[THE DATA]
== Segment start ==

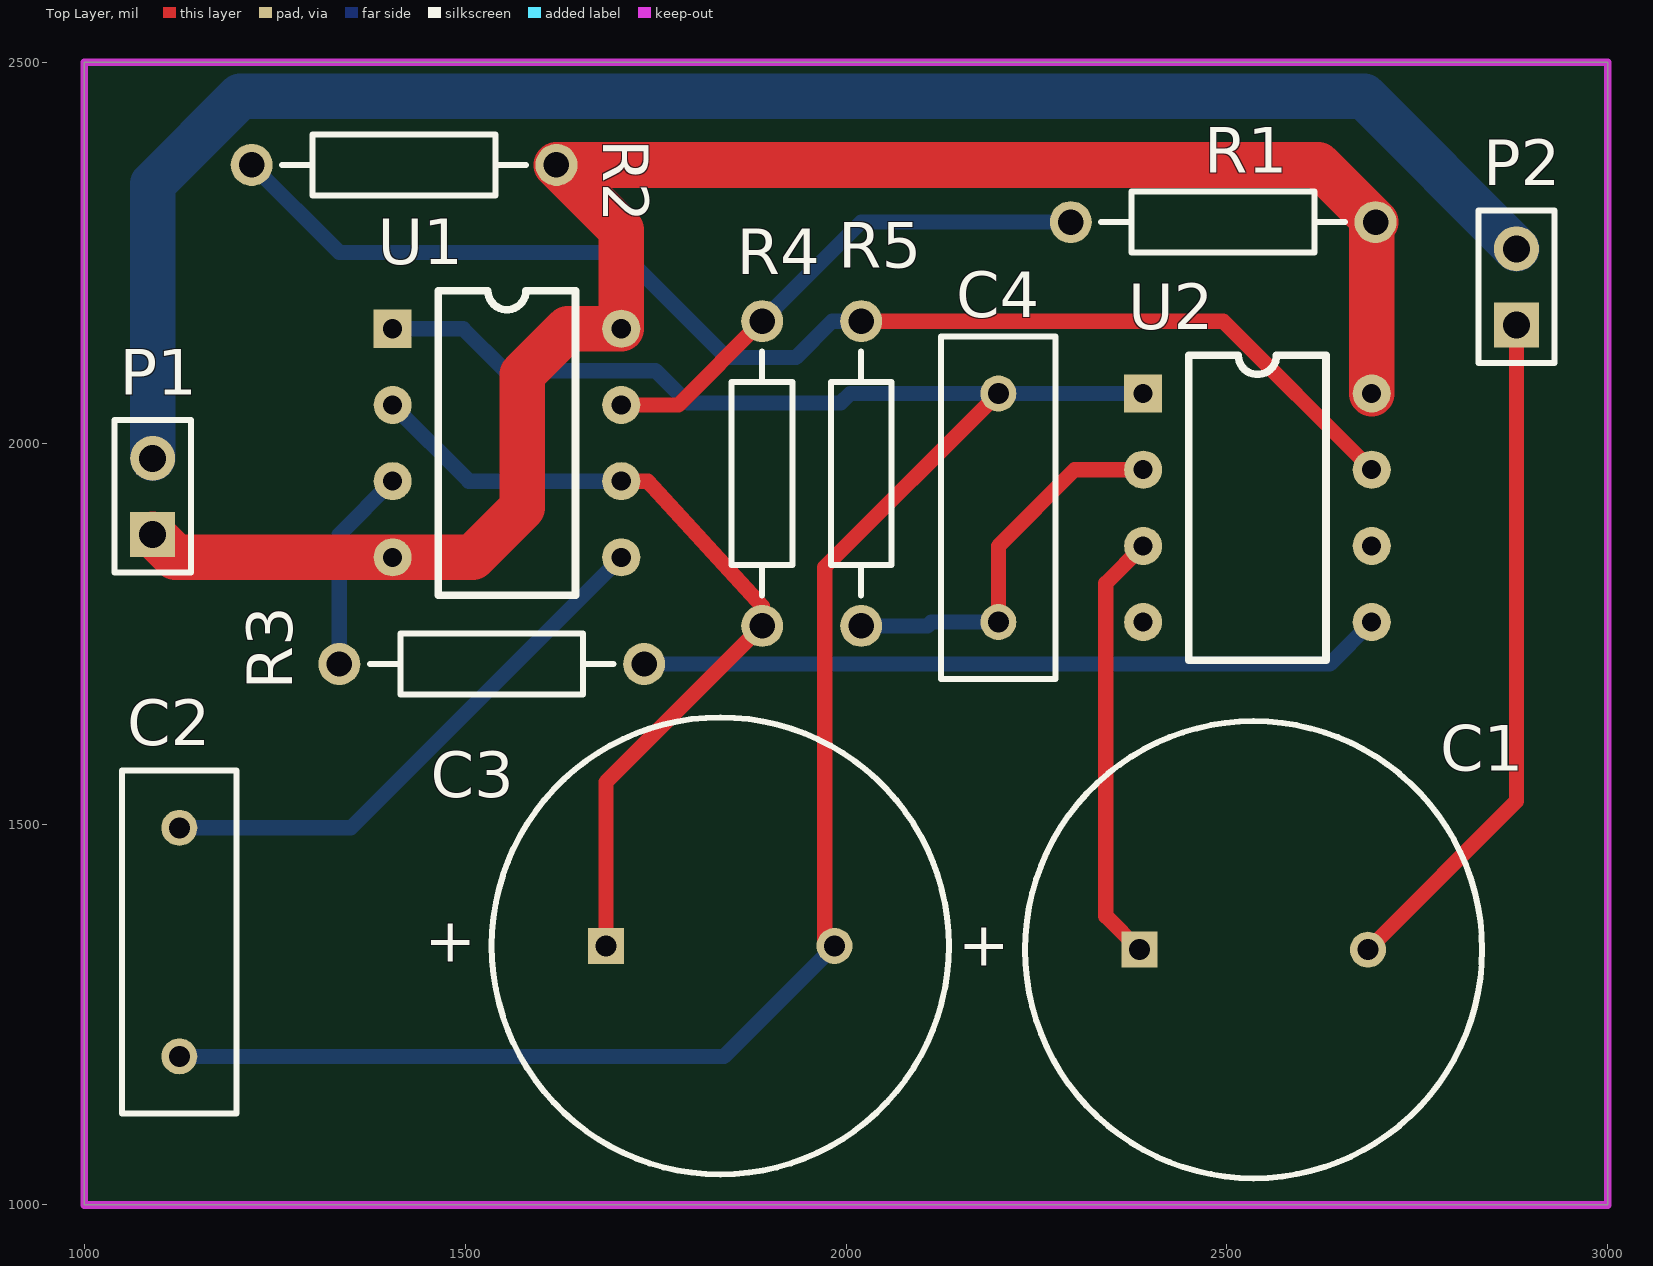
[diagram p0: Top Layer view]
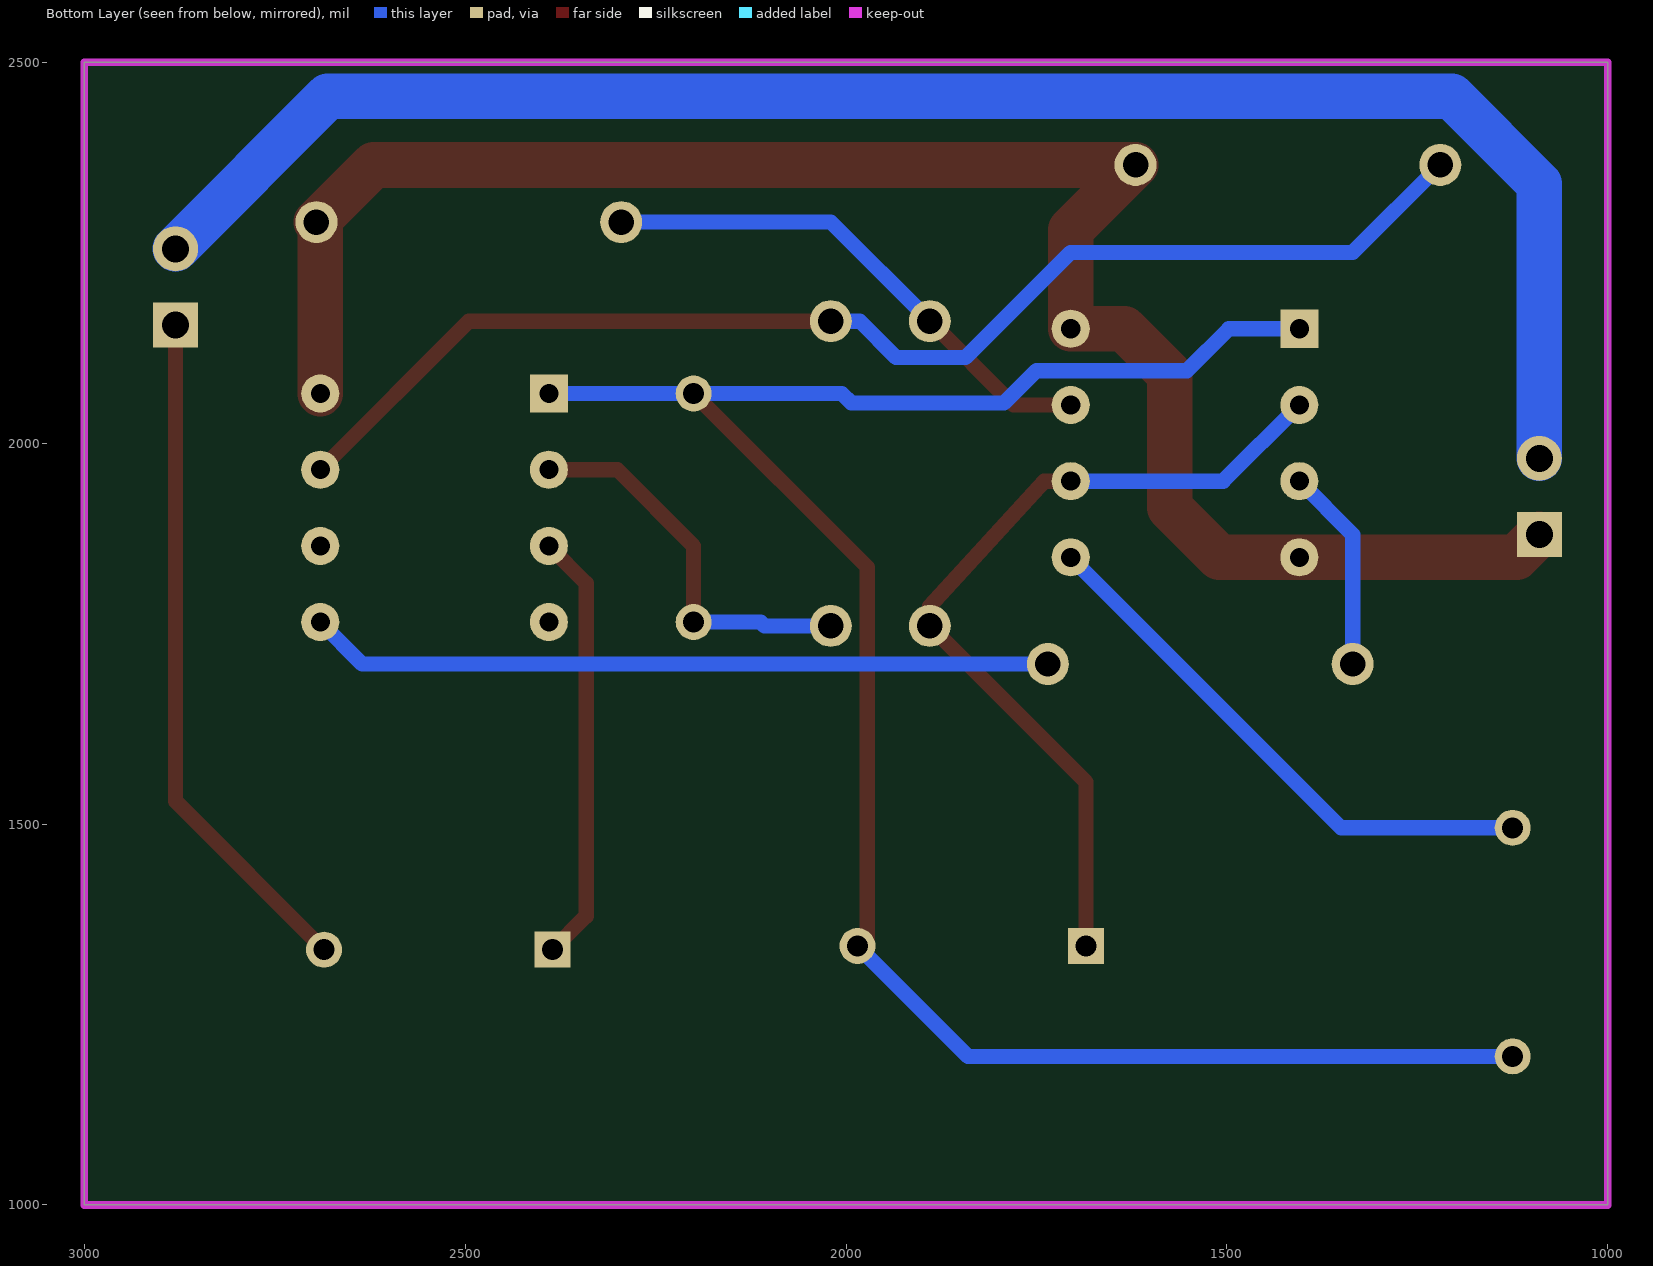
[diagram p1: Bottom Layer view, seen from below]
# Altium PCB MISC80651.PcbDoc
Units mil, origin at the board's own origin, x right, y up, seen from the top; angles counter-clockwise.
Board outline 2000 x 1500 mil, 2 copper layers (Top Layer, Bottom Layer); 13 components, 12 nets, 38 pads, 0 vias.

## Layer stack, top to bottom (the 12.6 mil dielectric is the usual default, probably not edited)
Top Solder: solder mask 0.4, Solder Resist, Dk 3.5
Top Layer: signal copper 1.4
Dielectric 1: dielectric 12.6, FR-4, Dk 4.8
Bottom Layer: signal copper 1.4
Bottom Solder: solder mask 0.4, Solder Resist, Dk 3.5

## Board outline
1000,1000 1000,2500 3000,2500 3000,1000

## Design rules (kind name [scope] priority, off if disabled: settings)
Clearance [All] p1: gap=10
PolygonConnect [All] p1: connectstyle=Relief reliefconductorwidth=10 reliefentries=4 polygonreliefangle="90 Angle" airgapwidth=10
RoutingVias [All] p1: holewidth=28 width=50 viastyle="Through Hole" minholewidth=28 minwidth=50 maxholewidth=28 maxwidth=50
SolderMaskExpansion [All] p1: expansion=4
Width [All] p1: maxlimit=60 minlimit=20 preferedwidth=20
Width GND [InNet('GND')] p2: maxlimit=60 minlimit=60 preferedwidth=60
Width VCC [InNet('VCC')] p3: maxlimit=60 minlimit=60 preferedwidth=60
30 further rules are at their usual default settings.

## Components (designator, comment, footprint, x,y, rotation, side; value= is the part's Value field where it differs from the comment)
C1 "Cap Pol1" RB7.6-15 2535,1335 r180 top
C2 "Cap" RAD-0.3 1125,1345 r90 top
C3 "Cap Pol1" RB7.6-15 1835,1340 r180 top
C4 "Cap" RAD-0.3 2200,1915 r270 top
P1 "Header 2" HDR1X2 1090,1880 r90 top
P2 "Header 2" HDR1X2 2880,2155 r90 top
R1 "Res2" AXIAL-0.4 2495,2290 r0 top
R2 "Res2" AXIAL-0.4 1420,2365 r0 top
R3 "Res2" AXIAL-0.4 1535,1710 r180 top
R4 "Res2" AXIAL-0.4 1890,1960 r90 top
R5 "Res2" AXIAL-0.4 2020,1960 r270 top
U1 "NE555" DIP8 1405,2150 r0 top
U2 "NE555" DIP8 2390,2065 r0 top

## Footprints (in the part's own frame and the unit in brackets; to place one, negate y for a bottom-side part, rotate by r counter-clockwise, add the part's x,y. Pads: shape width x height; smd on the part's side, far side on the other; paste and mask are expansions set on the pad)
AXIAL-0.4 [mm] "Axial Device, Thru-Hole; 2 Leads; 0.4 in Pin Spacing"
  round 1.4 hole 0.85: 1(-5.08,0) 2(5.08,0)
  silkscreen extent -4.06,-1.02 4.06,1.02
DIP8 [mil]
  rect 50x50 hole 25: 1(0,0)
  round 50 hole 25: 2(0,-100) 3(0,-200) 4(0,-300) 5(300,-300) 6(300,-200) 7(300,-100) 8(300,0)
  silkscreen extent 60,-350 240,50
HDR1X2 [mm] "Connector; Header; 2 Position"
  rect 1.5x1.5 hole 0.9: 1(0,0)
  round 1.5 hole 0.9: 2(2.54,0)
  silkscreen extent -1.27,-1.27 3.81,1.27
RAD-0.3 [mm] "Radial Cap, Thru-Hole; 2 Leads; 0.3 in Pin Spacing"
  round 1.2 hole 0.7: 1(-3.81,0) 2(3.81,0)
  silkscreen extent -5.71,-1.91 5.71,1.91
RB7.6-15 [mm] "Polarized Capacitor (Radial); 2 Leads"
  rect 1.2x1.2 hole 0.7: 1(3.81,0)
  round 1.2 hole 0.7: 2(-3.81,0)
  silkscreen extent -7.62,-7.62 7.62,7.62

## Part data
C1 C3: "Polarized Capacitor (Radial)"
C2 C4: "Capacitor"
P1 P2: "Header, 2-Pin"
R1 R2 R3 R4 R5: "Resistor"

## Nets (pads, with @x,y where several pads share a name; then routed paths per layer and width w, separated by ;. In a path a pad name is that pad's centre, name@x,y a point inside that pad or via, vN(x,y) a via of type N, cw(c..) or ccw(c..) an arc to the next point about the centre after c; other vN are vias at no path point)
GND: P1.2 P2.2 | length 2280.5
  Bottom Layer w60: P1.2 1090,2340 1205,2455 2680,2455 P2.2
NetC1_1: C1.1 U2.3 | length 568.5
  Top Layer w20: C1.1 2341,1379 2341,1816 U2.3
NetC2_1: C2.1 C3.2 C4.1 U1.1 U2.1 | length 2783.1
  Top Layer w20: C3.2 1972,1340 1972,1837 C4.1
  Bottom Layer w20: C2.1 1840,1195 C3.2 ; U1.1 1497.5,2150 1552.5,2095 1750,2095 1792.56,2052.44 1993,2052.44 2005.56,2065 C4.1 U2.1
NetC2_2: C2.2 U1.5 | length 727
  Bottom Layer w20: C2.2 1350,1495 U1.5
NetC3_1: C3.1 R4.1 U1.2 U1.6 | length 1129.6
  Top Layer w20: C3.1 1685,1555 R4.1 1890,1786 1740,1950 U1.6
  Bottom Layer w20: U1.2 1505,1950 U1.6
NetC4_2: C4.2 R5.2 U2.2 | length 513.5
  Top Layer w20: C4.2 2200,1865 2300,1965 U2.2
  Bottom Layer w20: R5.2 2107,1760 2112,1765 C4.2
NetR1_1: R1.1 R4.2 U1.7 | length 689.4
  Top Layer w20: U1.7 1780,2050 R4.2
  Bottom Layer w20: R4.2 2020,2290 R1.1
NetR2_1: R2.1 R5.1 U2.7 | length 1675.1
  Top Layer w20: R5.1 2495,2160 U2.7
  Bottom Layer w20: R2.1 1335,2250 1705.44,2250 1843,2112.44 1934.44,2112.44 1982,2160 R5.1
NetR3_1: R3.1 U2.5 | length 977.8
  Bottom Layer w20: R3.1 2635,1710 U2.5
NetR3_2: R3.2 U1.3 | length 269
  Bottom Layer w20: R3.2 1335,1880 U1.3
VCC: P1.1 R1.2 R2.2 U1.4 U1.8 U2.8 | length 2437.5
  Top Layer w60: P1.1 1120,1850 U1.4 1510,1850 1575,1915 1575,2090 1635,2150 U1.8 1705,2280 R2.2 2620,2365 R1.2 2690,2285 U2.8
VOUT: C1.2 P2.1 | length 900.8
  Top Layer w20: C1.2 2880,1530 P2.1
pads on no net: U2.4 U2.6

## Keep-outs
Keep-Out Layer:
  the board outline again, w10

== Segment end ==

[BRIEF] Everything in the material above is to be reproduced exactly, pictures aside.

[REPLY]
[diagram p0: Top Layer view]
[diagram p1: Bottom Layer view, seen from below]
# Altium PCB MISC80651.PcbDoc
Units mil, origin at the board's own origin, x right, y up, seen from the top; angles counter-clockwise.
Board outline 2000 x 1500 mil, 2 copper layers (Top Layer, Bottom Layer); 13 components, 12 nets, 38 pads, 0 vias.

## Layer stack, top to bottom (the 12.6 mil dielectric is the usual default, probably not edited)
Top Solder: solder mask 0.4, Solder Resist, Dk 3.5
Top Layer: signal copper 1.4
Dielectric 1: dielectric 12.6, FR-4, Dk 4.8
Bottom Layer: signal copper 1.4
Bottom Solder: solder mask 0.4, Solder Resist, Dk 3.5

## Board outline
1000,1000 1000,2500 3000,2500 3000,1000

## Design rules (kind name [scope] priority, off if disabled: settings)
Clearance [All] p1: gap=10
PolygonConnect [All] p1: connectstyle=Relief reliefconductorwidth=10 reliefentries=4 polygonreliefangle="90 Angle" airgapwidth=10
RoutingVias [All] p1: holewidth=28 width=50 viastyle="Through Hole" minholewidth=28 minwidth=50 maxholewidth=28 maxwidth=50
SolderMaskExpansion [All] p1: expansion=4
Width [All] p1: maxlimit=60 minlimit=20 preferedwidth=20
Width GND [InNet('GND')] p2: maxlimit=60 minlimit=60 preferedwidth=60
Width VCC [InNet('VCC')] p3: maxlimit=60 minlimit=60 preferedwidth=60
30 further rules are at their usual default settings.

## Components (designator, comment, footprint, x,y, rotation, side; value= is the part's Value field where it differs from the comment)
C1 "Cap Pol1" RB7.6-15 2535,1335 r180 top
C2 "Cap" RAD-0.3 1125,1345 r90 top
C3 "Cap Pol1" RB7.6-15 1835,1340 r180 top
C4 "Cap" RAD-0.3 2200,1915 r270 top
P1 "Header 2" HDR1X2 1090,1880 r90 top
P2 "Header 2" HDR1X2 2880,2155 r90 top
R1 "Res2" AXIAL-0.4 2495,2290 r0 top
R2 "Res2" AXIAL-0.4 1420,2365 r0 top
R3 "Res2" AXIAL-0.4 1535,1710 r180 top
R4 "Res2" AXIAL-0.4 1890,1960 r90 top
R5 "Res2" AXIAL-0.4 2020,1960 r270 top
U1 "NE555" DIP8 1405,2150 r0 top
U2 "NE555" DIP8 2390,2065 r0 top

## Footprints (in the part's own frame and the unit in brackets; to place one, negate y for a bottom-side part, rotate by r counter-clockwise, add the part's x,y. Pads: shape width x height; smd on the part's side, far side on the other; paste and mask are expansions set on the pad)
AXIAL-0.4 [mm] "Axial Device, Thru-Hole; 2 Leads; 0.4 in Pin Spacing"
  round 1.4 hole 0.85: 1(-5.08,0) 2(5.08,0)
  silkscreen extent -4.06,-1.02 4.06,1.02
DIP8 [mil]
  rect 50x50 hole 25: 1(0,0)
  round 50 hole 25: 2(0,-100) 3(0,-200) 4(0,-300) 5(300,-300) 6(300,-200) 7(300,-100) 8(300,0)
  silkscreen extent 60,-350 240,50
HDR1X2 [mm] "Connector; Header; 2 Position"
  rect 1.5x1.5 hole 0.9: 1(0,0)
  round 1.5 hole 0.9: 2(2.54,0)
  silkscreen extent -1.27,-1.27 3.81,1.27
RAD-0.3 [mm] "Radial Cap, Thru-Hole; 2 Leads; 0.3 in Pin Spacing"
  round 1.2 hole 0.7: 1(-3.81,0) 2(3.81,0)
  silkscreen extent -5.71,-1.91 5.71,1.91
RB7.6-15 [mm] "Polarized Capacitor (Radial); 2 Leads"
  rect 1.2x1.2 hole 0.7: 1(3.81,0)
  round 1.2 hole 0.7: 2(-3.81,0)
  silkscreen extent -7.62,-7.62 7.62,7.62

## Part data
C1 C3: "Polarized Capacitor (Radial)"
C2 C4: "Capacitor"
P1 P2: "Header, 2-Pin"
R1 R2 R3 R4 R5: "Resistor"

## Nets (pads, with @x,y where several pads share a name; then routed paths per layer and width w, separated by ;. In a path a pad name is that pad's centre, name@x,y a point inside that pad or via, vN(x,y) a via of type N, cw(c..) or ccw(c..) an arc to the next point about the centre after c; other vN are vias at no path point)
GND: P1.2 P2.2 | length 2280.5
  Bottom Layer w60: P1.2 1090,2340 1205,2455 2680,2455 P2.2
NetC1_1: C1.1 U2.3 | length 568.5
  Top Layer w20: C1.1 2341,1379 2341,1816 U2.3
NetC2_1: C2.1 C3.2 C4.1 U1.1 U2.1 | length 2783.1
  Top Layer w20: C3.2 1972,1340 1972,1837 C4.1
  Bottom Layer w20: C2.1 1840,1195 C3.2 ; U1.1 1497.5,2150 1552.5,2095 1750,2095 1792.56,2052.44 1993,2052.44 2005.56,2065 C4.1 U2.1
NetC2_2: C2.2 U1.5 | length 727
  Bottom Layer w20: C2.2 1350,1495 U1.5
NetC3_1: C3.1 R4.1 U1.2 U1.6 | length 1129.6
  Top Layer w20: C3.1 1685,1555 R4.1 1890,1786 1740,1950 U1.6
  Bottom Layer w20: U1.2 1505,1950 U1.6
NetC4_2: C4.2 R5.2 U2.2 | length 513.5
  Top Layer w20: C4.2 2200,1865 2300,1965 U2.2
  Bottom Layer w20: R5.2 2107,1760 2112,1765 C4.2
NetR1_1: R1.1 R4.2 U1.7 | length 689.4
  Top Layer w20: U1.7 1780,2050 R4.2
  Bottom Layer w20: R4.2 2020,2290 R1.1
NetR2_1: R2.1 R5.1 U2.7 | length 1675.1
  Top Layer w20: R5.1 2495,2160 U2.7
  Bottom Layer w20: R2.1 1335,2250 1705.44,2250 1843,2112.44 1934.44,2112.44 1982,2160 R5.1
NetR3_1: R3.1 U2.5 | length 977.8
  Bottom Layer w20: R3.1 2635,1710 U2.5
NetR3_2: R3.2 U1.3 | length 269
  Bottom Layer w20: R3.2 1335,1880 U1.3
VCC: P1.1 R1.2 R2.2 U1.4 U1.8 U2.8 | length 2437.5
  Top Layer w60: P1.1 1120,1850 U1.4 1510,1850 1575,1915 1575,2090 1635,2150 U1.8 1705,2280 R2.2 2620,2365 R1.2 2690,2285 U2.8
VOUT: C1.2 P2.1 | length 900.8
  Top Layer w20: C1.2 2880,1530 P2.1
pads on no net: U2.4 U2.6

## Keep-outs
Keep-Out Layer:
  the board outline again, w10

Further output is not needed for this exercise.